Report, as a bare number, how many lines of the material below contain the word "direction".

[EXCERPTED DATA]

■ ■ ■ ■

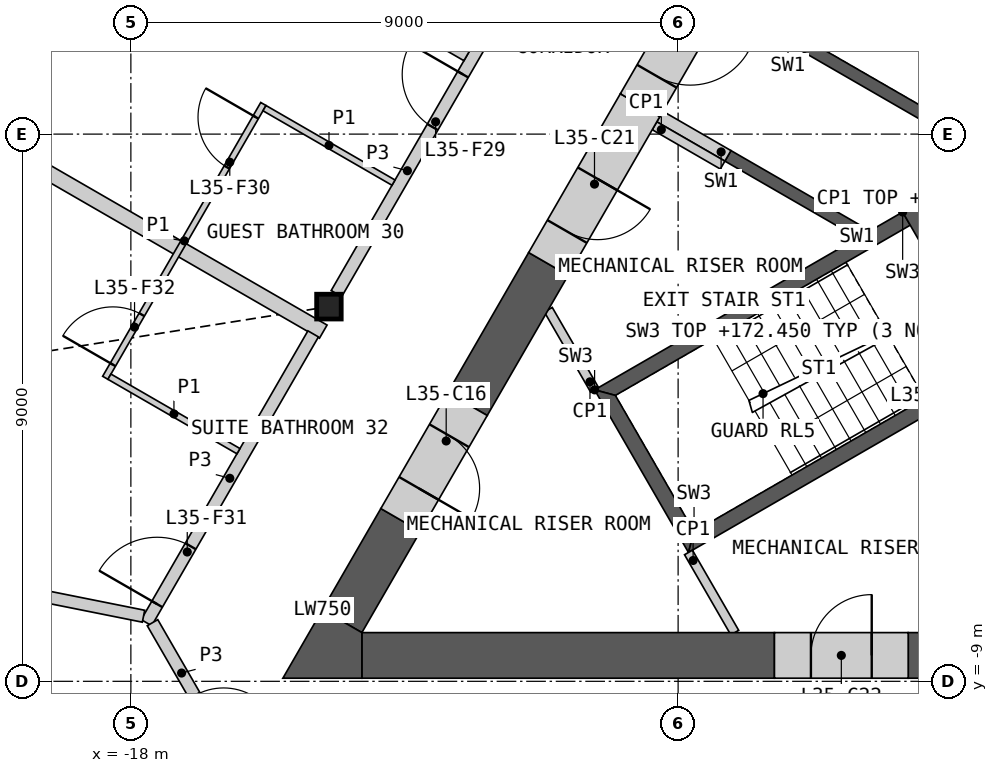
"""IFC4 building model, lengths in metres.
Left out: names, types, materials, properties, quantities, classifications, styles, units other than length and angle.
Written with IfcOpenShell. Run it as: python <this file> out.ifc"""

import sys

from ifc_helpers import new_model, si_unit, direction, frame, frame_2d, origin, origin_2d, place, context, subcontext, project, spatial, polyline, rectangle, i_section, outline, extrude, element, fill, save


model = new_model("IFC4")
c1 = context("Model", 3, precision=1e-05, world=origin(), true_north=direction((0.0, 1.0)))
c2 = subcontext(c1, "Body", "Model", "MODEL_VIEW")
j1 = project(units=[si_unit("LENGTHUNIT", "METRE"), si_unit("PLANEANGLEUNIT", "RADIAN")], contexts=[c1])
p1 = place(None, origin())
s1 = spatial("IfcSite", under=j1, at=p1, CompositionType="ELEMENT")
p2 = place(p1, origin())
s2 = spatial("IfcBuilding", under=s1, at=p2, CompositionType="ELEMENT")
p3 = place(p2, frame((0.0, 0.0, 169.2)))
s3 = spatial("IfcBuildingStorey", under=s2, at=p3, CompositionType="ELEMENT", Elevation=169.2)
p4 = place(p3, frame((-14.743, -2.837, 0.0), z_axis=(0.0, 0.0, 1.0), x_axis=(1.0, 0.0, 0.0)))
e1 = element("IfcColumn", 1, at=p4, inside=s3, PredefinedType="COLUMN", context=c2, shape_type="SweptSolid", body=[
    extrude(i_section(OverallWidth=0.404, OverallDepth=0.407, WebThickness=0.027, FlangeThickness=0.044, at=origin_2d()), origin(), (0.0, 0.0, 1.0), 3.6),
])
p5 = place(p3, origin())
e2 = element("IfcWall", 2, at=p5, inside=s3, PredefinedType="SHEAR", context=c2, shape_type="SweptSolid", body=[
    extrude(outline(polyline([(-6.061, -1.697), (-8.231, -0.444), (-8.131, -0.271), (-5.96, -1.524), (-6.061, -1.697)])), origin(), (0.0, 0.0, 1.0), 3.25),
])
p6 = place(p3, origin())
e3 = element("IfcWall", 3, at=p6, inside=s3, PredefinedType="SHEAR", context=c2, shape_type="SweptSolid", body=[
    extrude(outline(polyline([(-4.96, 0.208), (-7.131, 1.461), (-3.731, 7.35), (-1.561, 6.097), (-1.66, 5.924), (-3.652, 7.074), (-4.652, 5.342), (-2.66, 4.192), (-2.76, 4.019), (-4.752, 5.169), (-5.752, 3.437), (-3.76, 2.287), (-3.861, 2.113), (-5.852, 3.263), (-6.852, 1.531), (-4.861, 0.381), (-4.96, 0.208)])), origin(), (0.0, 0.0, 1.0), 3.25),
])
p7 = place(p3, frame((-8.181, -0.357, 0.0), z_axis=(0.0, 0.0, 1.0), x_axis=(-0.866003189247, 0.500038474733, 0.0)))
e4 = element("IfcWall", 4, at=p7, inside=s3, PredefinedType="SHEAR", context=c2, shape_type="SweptSolid", body=[
    extrude(rectangle(XDim=1.293, YDim=0.2, at=frame_2d((0.646, 0.0))), origin(), (0.0, 0.0, 1.0), 3.25),
])
p8 = place(p3, origin())
e5 = element("IfcWall", 5, at=p8, inside=s3, PredefinedType="SHEAR", context=c2, shape_type="SweptSolid", body=[
    extrude(outline(polyline([(-5.307, -1.281), (-10.374, -4.206), (-10.032, -4.298), (-5.182, -1.498), (-5.307, -1.281)])), origin(), (0.0, 0.0, 1.0), 3.25),
])
p9 = place(p3, origin())
e6 = element("IfcWall", 6, at=p9, inside=s3, PredefinedType="SHEAR", context=c2, shape_type="SweptSolid", body=[
    extrude(outline(polyline([(-10.374, -4.206), (-8.83, -6.881), (-8.738, -6.539), (-10.032, -4.298), (-10.374, -4.206)])), origin(), (0.0, 0.0, 1.0), 3.25),
])
p10 = place(p3, origin())
e7 = element("IfcWall", 7, at=p10, inside=s3, PredefinedType="SHEAR", context=c2, shape_type="SweptSolid", body=[
    extrude(outline(polyline([(-8.738, -6.539), (-8.83, -6.881), (-3.763, -3.956), (-3.888, -3.739), (-8.738, -6.539)])), origin(), (0.0, 0.0, 1.0), 3.25),
])
p11 = place(p3, frame((-5.199, -1.219, 0.0), z_axis=(0.0, 0.0, 1.0), x_axis=(0.499982516597, -0.866035497597, 0.0)))
e8 = element("IfcWall", 8, at=p11, inside=s3, PredefinedType="SHEAR", context=c2, shape_type="SweptSolid", body=[
    extrude(rectangle(XDim=3.088, YDim=0.25, at=frame_2d((1.544, 0.0))), origin(), (0.0, 0.0, 1.0), 3.25),
])
p12 = place(p11, frame((0.994, 0.0, 0.0)))
e9 = element("IfcOpeningElement", 9, at=p12, cuts=e8, PredefinedType="OPENING", context=c2, shape_type="SweptSolid", body=[
    extrude(rectangle(XDim=1.1, YDim=2.1, at=frame_2d((0.55, 1.05))), frame((0.0, 0.135, 0.0), z_axis=(0.0, -1.0, 0.0), x_axis=(1.0, 0.0, 0.0)), (0.0, 0.0, 1.0), 0.27),
])
p13 = place(p3, frame((-8.268, -0.509, 0.0), z_axis=(0.0, 0.0, 1.0), x_axis=(-0.866003189247, 0.500038474733, 0.0)))
e10 = element("IfcWall", 10, at=p13, inside=s3, PredefinedType="PARTITIONING", context=c2, shape_type="SweptSolid", body=[
    extrude(rectangle(XDim=1.293, YDim=0.15, at=frame_2d((0.646, 0.0))), origin(), (0.0, 0.0, 1.0), 3.25),
])
for number, where, z_axis, x_axis in (
    (11, (-8.83, -6.881, 0.0), (0.0, 0.0, 1.0), (0.5, -0.866, 0.0)),
    (12, (-10.374, -4.206, 0.0), (0.0, 0.0, 1.0), (-0.5, 0.866, 0.0)),
):
    element("IfcWall", number, at=place(p3, frame(where, z_axis=z_axis, x_axis=x_axis)), inside=s3, PredefinedType="PARTITIONING", context=c2, shape_type="SweptSolid", body=[
        extrude(rectangle(XDim=1.522, YDim=0.15, at=frame_2d((0.761, 0.0))), origin(), (0.0, 0.0, 1.0), 3.25),
    ])
p14 = place(p3, frame((-14.201, -8.574, 0.0), z_axis=(0.0, 0.0, 1.0), x_axis=(1.0, 0.0, 0.0)))
e13 = element("IfcWall", 13, at=p14, inside=s3, PredefinedType="SHEAR", context=c2, shape_type="SweptSolid", body=[
    extrude(rectangle(XDim=6.785, YDim=0.75, at=frame_2d((3.393, 0.0))), origin(), (0.0, 0.0, 1.0), 3.25),
])
p15 = place(p3, frame((-5.216, -8.574, 0.0), z_axis=(0.0, 0.0, 1.0), x_axis=(1.0, 0.0, 0.0)))
e14 = element("IfcWall", 14, at=p15, inside=s3, PredefinedType="SHEAR", context=c2, shape_type="SweptSolid", body=[
    extrude(rectangle(XDim=1.816, YDim=0.75, at=frame_2d((0.908, 0.0))), origin(), (0.0, 0.0, 1.0), 3.25),
])
p16 = place(p3, frame((-11.133, -2.135, 0.0), z_axis=(0.0, 0.0, 1.0), x_axis=(-0.499936812382, -0.866061882099, 0.0)))
e15 = element("IfcWall", 15, at=p16, inside=s3, PredefinedType="SHEAR", context=c2, shape_type="SweptSolid", body=[
    extrude(rectangle(XDim=2.662, YDim=0.75, at=frame_2d((1.331, 0.0))), origin(), (0.0, 0.0, 1.0), 3.25),
])
p17 = place(p3, frame((-13.564, -6.346, 0.0), z_axis=(0.0, 0.0, 1.0), x_axis=(-0.499989888488, -0.86603124159, 0.0)))
e16 = element("IfcWall", 16, at=p17, inside=s3, PredefinedType="SHEAR", context=c2, shape_type="SweptSolid", body=[
    extrude(rectangle(XDim=1.923, YDim=0.75, at=frame_2d((0.961, 0.0))), origin(), (0.0, 0.0, 1.0), 3.25),
])
p18 = place(p3, origin())
e17 = element("IfcWall", 17, at=p18, inside=s3, PredefinedType="SHEAR", context=c2, shape_type="SweptSolid", body=[
    extrude(outline(polyline([(-14.851, -7.824), (-14.201, -8.199), (-14.201, -8.949), (-15.5, -8.949), (-14.851, -7.824)])), origin(), (0.0, 0.0, 1.0), 3.25),
])
p19 = place(p3, frame((-12.464, -4.441, 0.0), z_axis=(0.0, 0.0, 1.0), x_axis=(-0.499994660107, -0.866028486751, 0.0)))
e18 = element("IfcWall", 18, at=p19, inside=s3, PredefinedType="SHEAR", context=c2, shape_type="SweptSolid", body=[
    extrude(rectangle(XDim=2.2, YDim=0.75, at=frame_2d((1.1, 0.0))), origin(), (0.0, 0.0, 1.0), 3.25),
])
p20 = place(p19, frame((0.6, 0.0, 0.0)))
e19 = element("IfcOpeningElement", 19, at=p20, cuts=e18, PredefinedType="OPENING", context=c2, shape_type="SweptSolid", body=[
    extrude(rectangle(XDim=1.0, YDim=2.1, at=frame_2d((0.5, 1.05))), frame((0.0, 0.385, 0.0), z_axis=(0.0, -1.0, 0.0), x_axis=(1.0, 0.0, 0.0)), (0.0, 0.0, 1.0), 0.77),
])
p21 = place(p3, frame((-9.625, 0.477, 0.0), z_axis=(0.0, 0.0, 1.0), x_axis=(-0.499995718215, -0.86602787586, 0.0)))
e20 = element("IfcWall", 20, at=p21, inside=s3, PredefinedType="SHEAR", context=c2, shape_type="SweptSolid", body=[
    extrude(rectangle(XDim=3.016, YDim=0.75, at=frame_2d((1.508, 0.0))), origin(), (0.0, 0.0, 1.0), 3.25),
])
p22 = place(p21, frame((1.4, 0.0, 0.0)))
e21 = element("IfcOpeningElement", 21, at=p22, cuts=e20, PredefinedType="OPENING", context=c2, shape_type="SweptSolid", body=[
    extrude(rectangle(XDim=1.0, YDim=2.1, at=frame_2d((0.5, 1.05))), frame((0.0, 0.385, 0.0), z_axis=(0.0, -1.0, 0.0), x_axis=(1.0, 0.0, 0.0)), (0.0, 0.0, 1.0), 0.77),
])
p23 = place(p3, frame((-7.416, -8.574, 0.0), z_axis=(0.0, 0.0, 1.0), x_axis=(1.0, 0.0, 0.0)))
e22 = element("IfcWall", 22, at=p23, inside=s3, PredefinedType="SHEAR", context=c2, shape_type="SweptSolid", body=[
    extrude(rectangle(XDim=2.2, YDim=0.75, at=frame_2d((1.1, 0.0))), origin(), (0.0, 0.0, 1.0), 3.25),
])
p24 = place(p23, frame((0.6, 0.0, 0.0)))
e23 = element("IfcOpeningElement", 23, at=p24, cuts=e22, PredefinedType="OPENING", context=c2, shape_type="SweptSolid", body=[
    extrude(rectangle(XDim=1.0, YDim=2.1, at=frame_2d((0.5, 1.05))), frame((0.0, 0.385, 0.0), z_axis=(0.0, -1.0, 0.0), x_axis=(1.0, 0.0, 0.0)), (0.0, 0.0, 1.0), 0.77),
])
p25 = place(p3, frame((-8.525, 2.382, 0.0), z_axis=(0.0, 0.0, 1.0), x_axis=(-0.500077893725, -0.86598042715, 0.0)))
e24 = element("IfcWall", 24, at=p25, inside=s3, PredefinedType="SHEAR", context=c2, shape_type="SweptSolid", body=[
    extrude(rectangle(XDim=2.2, YDim=0.75, at=frame_2d((1.1, 0.0))), origin(), (0.0, 0.0, 1.0), 3.25),
])
p26 = place(p25, frame((0.55, 0.0, 0.0)))
e25 = element("IfcOpeningElement", 25, at=p26, cuts=e24, PredefinedType="OPENING", context=c2, shape_type="SweptSolid", body=[
    extrude(rectangle(XDim=1.1, YDim=2.1, at=frame_2d((0.55, 1.05))), frame((0.0, 0.385, 0.0), z_axis=(0.0, -1.0, 0.0), x_axis=(1.0, 0.0, 0.0)), (0.0, 0.0, 1.0), 0.77),
])
p27 = place(p3, frame((-26.164, 3.292, 0.0), z_axis=(0.0, 0.0, 1.0), x_axis=(0.866022412254, -0.500005181446, 0.0)))
e26 = element("IfcWall", 26, at=p27, inside=s3, PredefinedType="PARTITIONING", context=c2, shape_type="SweptSolid", body=[
    extrude(rectangle(XDim=13.081, YDim=0.25, at=frame_2d((6.541, 0.0))), origin(), (0.0, 0.0, 1.0), 2.404),
])
p28 = place(p3, frame((-14.619, -2.624, 0.0), z_axis=(0.0, 0.0, 1.0), x_axis=(0.50000393355, 0.866023132736, 0.0)))
e27 = element("IfcWall", 27, at=p28, inside=s3, PredefinedType="PARTITIONING", context=c2, shape_type="SweptSolid", body=[
    extrude(rectangle(XDim=9.335, YDim=0.2, at=frame_2d((4.667, 0.0))), origin(), (0.0, 0.0, 1.0), 3.25),
])
p29 = place(p28, frame((3.163, 0.0, 0.0)))
e28 = element("IfcOpeningElement", 28, at=p29, cuts=e27, PredefinedType="OPENING", context=c2, shape_type="SweptSolid", body=[
    extrude(rectangle(XDim=1.0, YDim=2.1, at=frame_2d((0.5, 1.05))), frame((0.0, 0.11, 0.0), z_axis=(0.0, -1.0, 0.0), x_axis=(1.0, 0.0, 0.0)), (0.0, 0.0, 1.0), 0.22),
])
p30 = place(p3, frame((-17.744, -8.035, 0.0), z_axis=(0.0, 0.0, 1.0), x_axis=(0.500007607708, 0.866021011428, 0.0)))
e29 = element("IfcWall", 29, at=p30, inside=s3, PredefinedType="PARTITIONING", context=c2, shape_type="SweptSolid", body=[
    extrude(rectangle(XDim=5.484, YDim=0.2, at=frame_2d((2.742, 0.0))), origin(), (0.0, 0.0, 1.0), 3.25),
])
p31 = place(p30, frame((0.352, 0.0, 0.0)))
e30 = element("IfcOpeningElement", 30, at=p31, cuts=e29, PredefinedType="OPENING", context=c2, shape_type="SweptSolid", body=[
    extrude(rectangle(XDim=1.1, YDim=2.1, at=frame_2d((0.55, 1.05))), frame((0.0, 0.11, 0.0), z_axis=(0.0, -1.0, 0.0), x_axis=(1.0, 0.0, 0.0)), (0.0, 0.0, 1.0), 0.22),
])
p32 = place(p3, frame((-17.644, -8.035, 0.0), z_axis=(0.0, 0.0, 1.0), x_axis=(0.499961815444, -0.866047448526, 0.0)))
e31 = element("IfcWall", 31, at=p32, inside=s3, PredefinedType="PARTITIONING", context=c2, shape_type="SweptSolid", body=[
    extrude(rectangle(XDim=3.826, YDim=0.2, at=frame_2d((1.913, 0.0))), origin(), (0.0, 0.0, 1.0), 3.25),
])
p33 = place(p32, frame((1.386, 0.0, 0.0)))
e32 = element("IfcOpeningElement", 32, at=p33, cuts=e31, PredefinedType="OPENING", context=c2, shape_type="SweptSolid", body=[
    extrude(rectangle(XDim=0.95, YDim=2.1, at=frame_2d((0.475, 1.05))), frame((0.0, 0.11, 0.0), z_axis=(0.0, -1.0, 0.0), x_axis=(1.0, 0.0, 0.0)), (0.0, 0.0, 1.0), 0.22),
])
p34 = place(p3, frame((-31.329, -5.221, 0.0), z_axis=(0.0, 0.0, 1.0), x_axis=(0.980565709097, -0.196190953266, 0.0)))
e33 = element("IfcWall", 33, at=p34, inside=s3, PredefinedType="PARTITIONING", context=c2, shape_type="SweptSolid", body=[
    extrude(rectangle(XDim=13.805, YDim=0.2, at=frame_2d((6.903, 0.0))), origin(), (0.0, 0.0, 1.0), 2.404),
])
p35 = place(p3, frame((-22.363, -7.862, 0.0), z_axis=(0.0, 0.0, 1.0), x_axis=(0.500009728207, -0.866019787128, 0.0)))
e34 = element("IfcWall", 34, at=p35, inside=s3, PredefinedType="PARTITIONING", context=c2, shape_type="SweptSolid", body=[
    extrude(rectangle(XDim=11.967, YDim=0.2, at=frame_2d((5.983, 0.0))), origin(), (0.0, 0.0, 1.0), 2.404),
])
p36 = place(p35, frame((5.658, 0.0, 0.0)))
e35 = element("IfcOpeningElement", 35, at=p36, cuts=e34, PredefinedType="OPENING", context=c2, shape_type="SweptSolid", body=[
    extrude(rectangle(XDim=0.95, YDim=2.1, at=frame_2d((0.475, 1.05))), frame((0.0, 0.11, 0.0), z_axis=(0.0, -1.0, 0.0), x_axis=(1.0, 0.0, 0.0)), (0.0, 0.0, 1.0), 0.22),
])
p37 = place(p3, frame((-19.555, 5.383, 0.0), z_axis=(0.0, 0.0, 1.0), x_axis=(0.866027979776, -0.499995538225, 0.0)))
e36 = element("IfcWall", 36, at=p37, inside=s3, PredefinedType="PARTITIONING", context=c2, shape_type="SweptSolid", body=[
    extrude(rectangle(XDim=8.177, YDim=0.2, at=frame_2d((4.089, 0.0))), origin(), (0.0, 0.0, 1.0), 2.404),
])
p38 = place(p3, frame((-18.421, -4.008, 0.0), z_axis=(0.0, 0.0, 1.0), x_axis=(0.500006934395, 0.866021400173, 0.0)))
e37 = element("IfcWall", 37, at=p38, inside=s3, PredefinedType="PARTITIONING", context=c2, shape_type="SweptSolid", body=[
    extrude(rectangle(XDim=5.2, YDim=0.1, at=frame_2d((2.6, 0.0))), origin(), (0.0, 0.0, 1.0), 2.404),
])
p39 = place(p38, frame((4.0, 0.0, 0.0)))
e38 = element("IfcOpeningElement", 38, at=p39, cuts=e37, PredefinedType="OPENING", context=c2, shape_type="SweptSolid", body=[
    extrude(rectangle(XDim=0.95, YDim=2.1, at=frame_2d((0.475, 1.05))), frame((0.0, 0.06, 0.0), z_axis=(0.0, -1.0, 0.0), x_axis=(1.0, 0.0, 0.0)), (0.0, 0.0, 1.0), 0.12),
])
p40 = place(p38, frame((0.25, 0.0, 0.0)))
e39 = element("IfcOpeningElement", 39, at=p40, cuts=e37, PredefinedType="OPENING", context=c2, shape_type="SweptSolid", body=[
    extrude(rectangle(XDim=0.95, YDim=2.1, at=frame_2d((0.475, 1.05))), frame((0.0, 0.06, 0.0), z_axis=(0.0, -1.0, 0.0), x_axis=(1.0, 0.0, 0.0)), (0.0, 0.0, 1.0), 0.12),
])
p41 = place(p3, frame((-18.353, -3.99, 0.0), z_axis=(0.0, 0.0, 1.0), x_axis=(0.866057815567, -0.499943856944, 0.0)))
e40 = element("IfcWall", 40, at=p41, inside=s3, PredefinedType="PARTITIONING", context=c2, shape_type="SweptSolid", body=[
    extrude(rectangle(XDim=2.45, YDim=0.1, at=frame_2d((1.225, 0.0))), origin(), (0.0, 0.0, 1.0), 2.404),
])
p42 = place(p3, frame((-15.802, 0.427, 0.0), z_axis=(0.0, 0.0, 1.0), x_axis=(0.866032905446, -0.499987006516, 0.0)))
e41 = element("IfcWall", 41, at=p42, inside=s3, PredefinedType="PARTITIONING", context=c2, shape_type="SweptSolid", body=[
    extrude(rectangle(XDim=2.45, YDim=0.1, at=frame_2d((1.225, 0.0))), origin(), (0.0, 0.0, 1.0), 2.404),
])
p43 = place(p20, origin())
e42 = element("IfcDoor", 42, at=p43, inside=s3, OperationType="SINGLE_SWING_RIGHT", PredefinedType="DOOR", context=c2, shape_type="SweptSolid", body=[
    extrude(rectangle(XDim=1.0, YDim=2.1, at=frame_2d((0.5, 1.05))), frame((0.0, 0.13, 0.0), z_axis=(0.0, -1.0, 0.0), x_axis=(1.0, 0.0, 0.0)), (0.0, 0.0, 1.0), 0.05),
])
fill(e19, e42)
p44 = place(p22, origin())
e43 = element("IfcDoor", 43, at=p44, inside=s3, OperationType="SINGLE_SWING_LEFT", PredefinedType="DOOR", context=c2, shape_type="SweptSolid", body=[
    extrude(rectangle(XDim=1.0, YDim=2.1, at=frame_2d((0.5, 1.05))), frame((0.0, 0.13, 0.0), z_axis=(0.0, -1.0, 0.0), x_axis=(1.0, 0.0, 0.0)), (0.0, 0.0, 1.0), 0.05),
])
fill(e21, e43)
p45 = place(p24, origin())
e44 = element("IfcDoor", 44, at=p45, inside=s3, OperationType="SINGLE_SWING_RIGHT", PredefinedType="DOOR", context=c2, shape_type="SweptSolid", body=[
    extrude(rectangle(XDim=1.0, YDim=2.1, at=frame_2d((0.5, 1.05))), frame((0.0, 0.13, 0.0), z_axis=(0.0, -1.0, 0.0), x_axis=(1.0, 0.0, 0.0)), (0.0, 0.0, 1.0), 0.05),
])
fill(e23, e44)
p46 = place(p26, origin())
e45 = element("IfcDoor", 45, at=p46, inside=s3, OperationType="SINGLE_SWING_LEFT", PredefinedType="DOOR", context=c2, shape_type="SweptSolid", body=[
    extrude(rectangle(XDim=1.1, YDim=2.1, at=frame_2d((0.55, 1.05))), frame((0.0, 0.13, 0.0), z_axis=(0.0, -1.0, 0.0), x_axis=(1.0, 0.0, 0.0)), (0.0, 0.0, 1.0), 0.05),
])
fill(e25, e45)
p47 = place(p29, origin())
e46 = element("IfcDoor", 46, at=p47, inside=s3, OperationType="SINGLE_SWING_RIGHT", PredefinedType="DOOR", context=c2, shape_type="SweptSolid", body=[
    extrude(rectangle(XDim=1.0, YDim=2.1, at=frame_2d((0.5, 1.05))), frame((0.0, 0.025, 0.0), z_axis=(0.0, -1.0, 0.0), x_axis=(1.0, 0.0, 0.0)), (0.0, 0.0, 1.0), 0.05),
])
fill(e28, e46)
p48 = place(p39, origin())
e47 = element("IfcDoor", 47, at=p48, inside=s3, OperationType="SINGLE_SWING_RIGHT", PredefinedType="DOOR", context=c2, shape_type="SweptSolid", body=[
    extrude(rectangle(XDim=0.95, YDim=2.1, at=frame_2d((0.475, 1.05))), frame((0.0, 0.025, 0.0), z_axis=(0.0, -1.0, 0.0), x_axis=(1.0, 0.0, 0.0)), (0.0, 0.0, 1.0), 0.05),
])
fill(e38, e47)
p49 = place(p31, origin())
e48 = element("IfcDoor", 48, at=p49, inside=s3, OperationType="SINGLE_SWING_LEFT", PredefinedType="DOOR", context=c2, shape_type="SweptSolid", body=[
    extrude(rectangle(XDim=1.1, YDim=2.1, at=frame_2d((0.55, 1.05))), frame((0.0, 0.025, 0.0), z_axis=(0.0, -1.0, 0.0), x_axis=(1.0, 0.0, 0.0)), (0.0, 0.0, 1.0), 0.05),
])
fill(e30, e48)
p50 = place(p40, origin())
e49 = element("IfcDoor", 49, at=p50, inside=s3, OperationType="SINGLE_SWING_LEFT", PredefinedType="DOOR", context=c2, shape_type="SweptSolid", body=[
    extrude(rectangle(XDim=0.95, YDim=2.1, at=frame_2d((0.475, 1.05))), frame((0.0, 0.025, 0.0), z_axis=(0.0, -1.0, 0.0), x_axis=(1.0, 0.0, 0.0)), (0.0, 0.0, 1.0), 0.05),
])
fill(e39, e49)
save(model, sys.argv[1])

■ ■ ■ ■

[ANSWER SECTION]
2